[Collected data entries]

────────────────

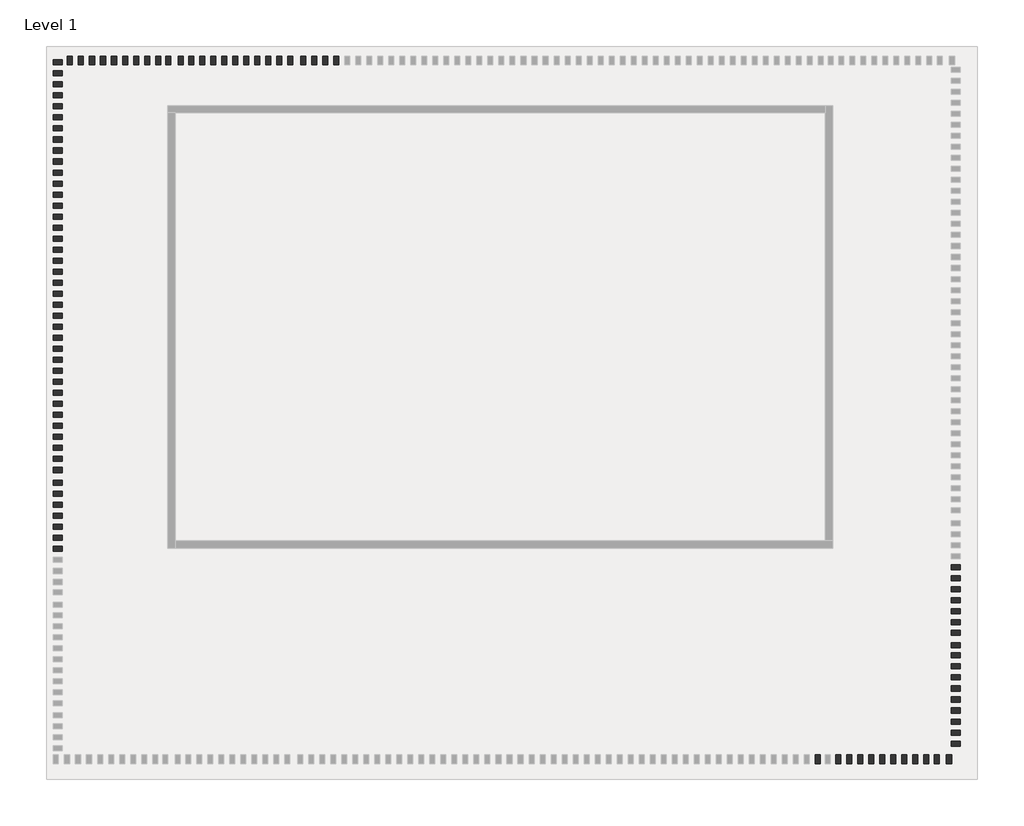
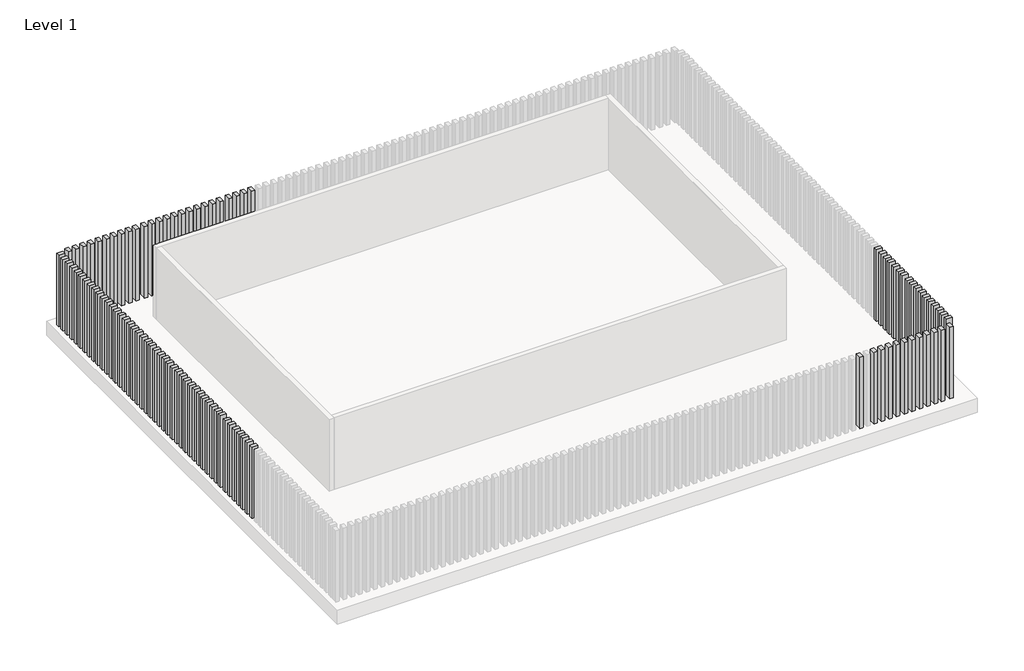
# One storey, part 2 of 3: 99 columns.
"""IFC4 building model written with IfcOpenShell, lengths in millimetres."""

from ifc_helpers import new_model, si_unit, origin, place, context, project, spatial, transform, mapped, element, save
from components import wood_timber_column_6_x_10_8585acab

model = new_model("IFC4")

# Units and contexts
model_context = context("Model", 3, world=origin())
ifc_project = project(units=[si_unit("LENGTHUNIT", "METRE", prefix="MILLI")], contexts=[model_context])

# Site, building, storey
site = spatial("IfcSite", under=ifc_project)
building = spatial("IfcBuilding", under=site)
storey = spatial("IfcBuildingStorey", under=building, Name="Level 1", Elevation=0.0)

# Columns
placement = place(None, origin())
wood_timber_column_6_x_10_shape = wood_timber_column_6_x_10_8585acab(model_context)
element("IfcColumn", 1, ObjectType="Wood Timber Column : 6 x 10", at=placement, inside=storey, context=model_context, shape_type="MappedRepresentation", body=[
    mapped(wood_timber_column_6_x_10_shape, transform((2270.6466756, -5612.3567338, 0.0), x_axis=(1.0, 0.0, 0.0), y_axis=(0.0, 1.0, 0.0), z_axis=(0.0, 0.0, 1.0))),
])
element("IfcColumn", 2, ObjectType="Wood Timber Column : 6 x 10", at=placement, inside=storey, context=model_context, shape_type="MappedRepresentation", body=[
    mapped(wood_timber_column_6_x_10_shape, transform((-18761.0148275, 13665.8652966, 0.0), x_axis=(0.0, 1.0, 0.0), y_axis=(-1.0000000000000002, 0.0, 0.0), z_axis=(0.0, 0.0, 1.0000000000000002))),
])
element("IfcColumn", 3, ObjectType="Wood Timber Column : 6 x 10", at=placement, inside=storey, context=model_context, shape_type="MappedRepresentation", body=[
    mapped(wood_timber_column_6_x_10_shape, transform((-18761.0148275, 13361.0652966, 0.0), x_axis=(0.0, 1.0, 0.0), y_axis=(-1.0000000000000002, 0.0, 0.0), z_axis=(0.0, 0.0, 1.0000000000000002))),
])
element("IfcColumn", 4, ObjectType="Wood Timber Column : 6 x 10", at=placement, inside=storey, context=model_context, shape_type="MappedRepresentation", body=[
    mapped(wood_timber_column_6_x_10_shape, transform((-18761.0148275, 13056.2652966, 0.0), x_axis=(0.0, 1.0, 0.0), y_axis=(-1.0000000000000002, 0.0, 0.0), z_axis=(0.0, 0.0, 1.0000000000000002))),
])
element("IfcColumn", 5, ObjectType="Wood Timber Column : 6 x 10", at=placement, inside=storey, context=model_context, shape_type="MappedRepresentation", body=[
    mapped(wood_timber_column_6_x_10_shape, transform((-18761.0148275, 12751.4652966, 0.0), x_axis=(0.0, 1.0, 0.0), y_axis=(-1.0000000000000002, 0.0, 0.0), z_axis=(0.0, 0.0, 1.0000000000000002))),
])
element("IfcColumn", 6, ObjectType="Wood Timber Column : 6 x 10", at=placement, inside=storey, context=model_context, shape_type="MappedRepresentation", body=[
    mapped(wood_timber_column_6_x_10_shape, transform((-18761.0148275, 12446.6652966, 0.0), x_axis=(0.0, 1.0, 0.0), y_axis=(-1.0000000000000002, 0.0, 0.0), z_axis=(0.0, 0.0, 1.0000000000000002))),
])
element("IfcColumn", 7, ObjectType="Wood Timber Column : 6 x 10", at=placement, inside=storey, context=model_context, shape_type="MappedRepresentation", body=[
    mapped(wood_timber_column_6_x_10_shape, transform((-18761.0148275, 12141.8652966, 0.0), x_axis=(0.0, 1.0, 0.0), y_axis=(-1.0000000000000002, 0.0, 0.0), z_axis=(0.0, 0.0, 1.0000000000000002))),
])
element("IfcColumn", 8, ObjectType="Wood Timber Column : 6 x 10", at=placement, inside=storey, context=model_context, shape_type="MappedRepresentation", body=[
    mapped(wood_timber_column_6_x_10_shape, transform((-18761.0148275, 11837.0652966, 0.0), x_axis=(0.0, 1.0, 0.0), y_axis=(-1.0000000000000002, 0.0, 0.0), z_axis=(0.0, 0.0, 1.0000000000000002))),
])
element("IfcColumn", 9, ObjectType="Wood Timber Column : 6 x 10", at=placement, inside=storey, context=model_context, shape_type="MappedRepresentation", body=[
    mapped(wood_timber_column_6_x_10_shape, transform((-18761.0148275, 11532.2652966, 0.0), x_axis=(0.0, 1.0, 0.0), y_axis=(-1.0000000000000002, 0.0, 0.0), z_axis=(0.0, 0.0, 1.0000000000000002))),
])
element("IfcColumn", 10, ObjectType="Wood Timber Column : 6 x 10", at=placement, inside=storey, context=model_context, shape_type="MappedRepresentation", body=[
    mapped(wood_timber_column_6_x_10_shape, transform((-18761.0148275, 11227.4652966, 0.0), x_axis=(0.0, 1.0, 0.0), y_axis=(-1.0000000000000002, 0.0, 0.0), z_axis=(0.0, 0.0, 1.0000000000000002))),
])
element("IfcColumn", 11, ObjectType="Wood Timber Column : 6 x 10", at=placement, inside=storey, context=model_context, shape_type="MappedRepresentation", body=[
    mapped(wood_timber_column_6_x_10_shape, transform((-18761.0148275, 10922.6652966, 0.0), x_axis=(0.0, 1.0, 0.0), y_axis=(-1.0000000000000002, 0.0, 0.0), z_axis=(0.0, 0.0, 1.0000000000000002))),
])
element("IfcColumn", 12, ObjectType="Wood Timber Column : 6 x 10", at=placement, inside=storey, context=model_context, shape_type="MappedRepresentation", body=[
    mapped(wood_timber_column_6_x_10_shape, transform((-18761.0148275, 10617.8652966, 0.0), x_axis=(0.0, 1.0, 0.0), y_axis=(-1.0000000000000002, 0.0, 0.0), z_axis=(0.0, 0.0, 1.0000000000000002))),
])
element("IfcColumn", 13, ObjectType="Wood Timber Column : 6 x 10", at=placement, inside=storey, context=model_context, shape_type="MappedRepresentation", body=[
    mapped(wood_timber_column_6_x_10_shape, transform((-18761.0148275, 10313.0652966, 0.0), x_axis=(0.0, 1.0, 0.0), y_axis=(-1.0000000000000002, 0.0, 0.0), z_axis=(0.0, 0.0, 1.0000000000000002))),
])
element("IfcColumn", 14, ObjectType="Wood Timber Column : 6 x 10", at=placement, inside=storey, context=model_context, shape_type="MappedRepresentation", body=[
    mapped(wood_timber_column_6_x_10_shape, transform((-18761.0148275, 10008.2652966, 0.0), x_axis=(0.0, 1.0, 0.0), y_axis=(-1.0000000000000002, 0.0, 0.0), z_axis=(0.0, 0.0, 1.0000000000000002))),
])
element("IfcColumn", 15, ObjectType="Wood Timber Column : 6 x 10", at=placement, inside=storey, context=model_context, shape_type="MappedRepresentation", body=[
    mapped(wood_timber_column_6_x_10_shape, transform((-18761.0148275, 9703.4652966, 0.0), x_axis=(0.0, 1.0, 0.0), y_axis=(-1.0000000000000002, 0.0, 0.0), z_axis=(0.0, 0.0, 1.0000000000000002))),
])
element("IfcColumn", 16, ObjectType="Wood Timber Column : 6 x 10", at=placement, inside=storey, context=model_context, shape_type="MappedRepresentation", body=[
    mapped(wood_timber_column_6_x_10_shape, transform((-18761.0148275, 9398.6652966, 0.0), x_axis=(0.0, 1.0, 0.0), y_axis=(-1.0000000000000002, 0.0, 0.0), z_axis=(0.0, 0.0, 1.0000000000000002))),
])
element("IfcColumn", 17, ObjectType="Wood Timber Column : 6 x 10", at=placement, inside=storey, context=model_context, shape_type="MappedRepresentation", body=[
    mapped(wood_timber_column_6_x_10_shape, transform((-18761.0148275, 9093.8652966, 0.0), x_axis=(0.0, 1.0, 0.0), y_axis=(-1.0000000000000002, 0.0, 0.0), z_axis=(0.0, 0.0, 1.0000000000000002))),
])
element("IfcColumn", 18, ObjectType="Wood Timber Column : 6 x 10", at=placement, inside=storey, context=model_context, shape_type="MappedRepresentation", body=[
    mapped(wood_timber_column_6_x_10_shape, transform((-18761.0148275, 8789.0652966, 0.0), x_axis=(0.0, 1.0, 0.0), y_axis=(-1.0000000000000002, 0.0, 0.0), z_axis=(0.0, 0.0, 1.0000000000000002))),
])
element("IfcColumn", 19, ObjectType="Wood Timber Column : 6 x 10", at=placement, inside=storey, context=model_context, shape_type="MappedRepresentation", body=[
    mapped(wood_timber_column_6_x_10_shape, transform((-18761.0148275, 8484.2652966, 0.0), x_axis=(0.0, 1.0, 0.0), y_axis=(-1.0000000000000002, 0.0, 0.0), z_axis=(0.0, 0.0, 1.0000000000000002))),
])
element("IfcColumn", 20, ObjectType="Wood Timber Column : 6 x 10", at=placement, inside=storey, context=model_context, shape_type="MappedRepresentation", body=[
    mapped(wood_timber_column_6_x_10_shape, transform((-18761.0148275, 8179.4652966, 0.0), x_axis=(0.0, 1.0, 0.0), y_axis=(-1.0000000000000002, 0.0, 0.0), z_axis=(0.0, 0.0, 1.0000000000000002))),
])
element("IfcColumn", 21, ObjectType="Wood Timber Column : 6 x 10", at=placement, inside=storey, context=model_context, shape_type="MappedRepresentation", body=[
    mapped(wood_timber_column_6_x_10_shape, transform((-18761.0148275, 7874.6652966, 0.0), x_axis=(0.0, 1.0, 0.0), y_axis=(-1.0000000000000002, 0.0, 0.0), z_axis=(0.0, 0.0, 1.0000000000000002))),
])
element("IfcColumn", 22, ObjectType="Wood Timber Column : 6 x 10", at=placement, inside=storey, context=model_context, shape_type="MappedRepresentation", body=[
    mapped(wood_timber_column_6_x_10_shape, transform((-18761.0148275, 7569.8652966, 0.0), x_axis=(0.0, 1.0, 0.0), y_axis=(-1.0000000000000002, 0.0, 0.0), z_axis=(0.0, 0.0, 1.0000000000000002))),
])
element("IfcColumn", 23, ObjectType="Wood Timber Column : 6 x 10", at=placement, inside=storey, context=model_context, shape_type="MappedRepresentation", body=[
    mapped(wood_timber_column_6_x_10_shape, transform((-18761.0148275, 7265.0652966, 0.0), x_axis=(0.0, 1.0, 0.0), y_axis=(-1.0000000000000002, 0.0, 0.0), z_axis=(0.0, 0.0, 1.0000000000000002))),
])
element("IfcColumn", 24, ObjectType="Wood Timber Column : 6 x 10", at=placement, inside=storey, context=model_context, shape_type="MappedRepresentation", body=[
    mapped(wood_timber_column_6_x_10_shape, transform((-18761.0148275, 6960.2652966, 0.0), x_axis=(0.0, 1.0, 0.0), y_axis=(-1.0000000000000002, 0.0, 0.0), z_axis=(0.0, 0.0, 1.0000000000000002))),
])
element("IfcColumn", 25, ObjectType="Wood Timber Column : 6 x 10", at=placement, inside=storey, context=model_context, shape_type="MappedRepresentation", body=[
    mapped(wood_timber_column_6_x_10_shape, transform((-18761.0148275, 6655.4652966, 0.0), x_axis=(0.0, 1.0, 0.0), y_axis=(-1.0000000000000002, 0.0, 0.0), z_axis=(0.0, 0.0, 1.0000000000000002))),
])
element("IfcColumn", 26, ObjectType="Wood Timber Column : 6 x 10", at=placement, inside=storey, context=model_context, shape_type="MappedRepresentation", body=[
    mapped(wood_timber_column_6_x_10_shape, transform((-18761.0148275, 6350.6652966, 0.0), x_axis=(0.0, 1.0, 0.0), y_axis=(-1.0000000000000002, 0.0, 0.0), z_axis=(0.0, 0.0, 1.0000000000000002))),
])
element("IfcColumn", 27, ObjectType="Wood Timber Column : 6 x 10", at=placement, inside=storey, context=model_context, shape_type="MappedRepresentation", body=[
    mapped(wood_timber_column_6_x_10_shape, transform((-18761.0148275, 6045.8652966, 0.0), x_axis=(0.0, 1.0, 0.0), y_axis=(-1.0000000000000002, 0.0, 0.0), z_axis=(0.0, 0.0, 1.0000000000000002))),
])
element("IfcColumn", 28, ObjectType="Wood Timber Column : 6 x 10", at=placement, inside=storey, context=model_context, shape_type="MappedRepresentation", body=[
    mapped(wood_timber_column_6_x_10_shape, transform((-18761.0148275, 5741.0652966, 0.0), x_axis=(0.0, 1.0, 0.0), y_axis=(-1.0000000000000002, 0.0, 0.0), z_axis=(0.0, 0.0, 1.0000000000000002))),
])
element("IfcColumn", 29, ObjectType="Wood Timber Column : 6 x 10", at=placement, inside=storey, context=model_context, shape_type="MappedRepresentation", body=[
    mapped(wood_timber_column_6_x_10_shape, transform((-18761.0148275, 5436.2652966, 0.0), x_axis=(0.0, 1.0, 0.0), y_axis=(-1.0000000000000002, 0.0, 0.0), z_axis=(0.0, 0.0, 1.0000000000000002))),
])
element("IfcColumn", 30, ObjectType="Wood Timber Column : 6 x 10", at=placement, inside=storey, context=model_context, shape_type="MappedRepresentation", body=[
    mapped(wood_timber_column_6_x_10_shape, transform((-18761.0148275, 5131.4652966, 0.0), x_axis=(0.0, 1.0, 0.0), y_axis=(-1.0000000000000002, 0.0, 0.0), z_axis=(0.0, 0.0, 1.0000000000000002))),
])
element("IfcColumn", 31, ObjectType="Wood Timber Column : 6 x 10", at=placement, inside=storey, context=model_context, shape_type="MappedRepresentation", body=[
    mapped(wood_timber_column_6_x_10_shape, transform((-18761.0148275, 4826.6652966, 0.0), x_axis=(0.0, 1.0, 0.0), y_axis=(-1.0000000000000002, 0.0, 0.0), z_axis=(0.0, 0.0, 1.0000000000000002))),
])
element("IfcColumn", 32, ObjectType="Wood Timber Column : 6 x 10", at=placement, inside=storey, context=model_context, shape_type="MappedRepresentation", body=[
    mapped(wood_timber_column_6_x_10_shape, transform((-18761.0148275, 4521.8652966, 0.0), x_axis=(0.0, 1.0, 0.0), y_axis=(-1.0000000000000002, 0.0, 0.0), z_axis=(0.0, 0.0, 1.0000000000000002))),
])
element("IfcColumn", 33, ObjectType="Wood Timber Column : 6 x 10", at=placement, inside=storey, context=model_context, shape_type="MappedRepresentation", body=[
    mapped(wood_timber_column_6_x_10_shape, transform((-18761.0148275, 4217.0652966, 0.0), x_axis=(0.0, 1.0, 0.0), y_axis=(-1.0000000000000002, 0.0, 0.0), z_axis=(0.0, 0.0, 1.0000000000000002))),
])
element("IfcColumn", 34, ObjectType="Wood Timber Column : 6 x 10", at=placement, inside=storey, context=model_context, shape_type="MappedRepresentation", body=[
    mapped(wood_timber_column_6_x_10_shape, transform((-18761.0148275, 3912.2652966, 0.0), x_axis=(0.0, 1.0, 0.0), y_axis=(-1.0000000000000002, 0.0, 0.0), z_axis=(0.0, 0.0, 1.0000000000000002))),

────────────────

Work required: Go through the records line by line and count those containing the string "spatial". Give only the total.

Solution to this exercise: 4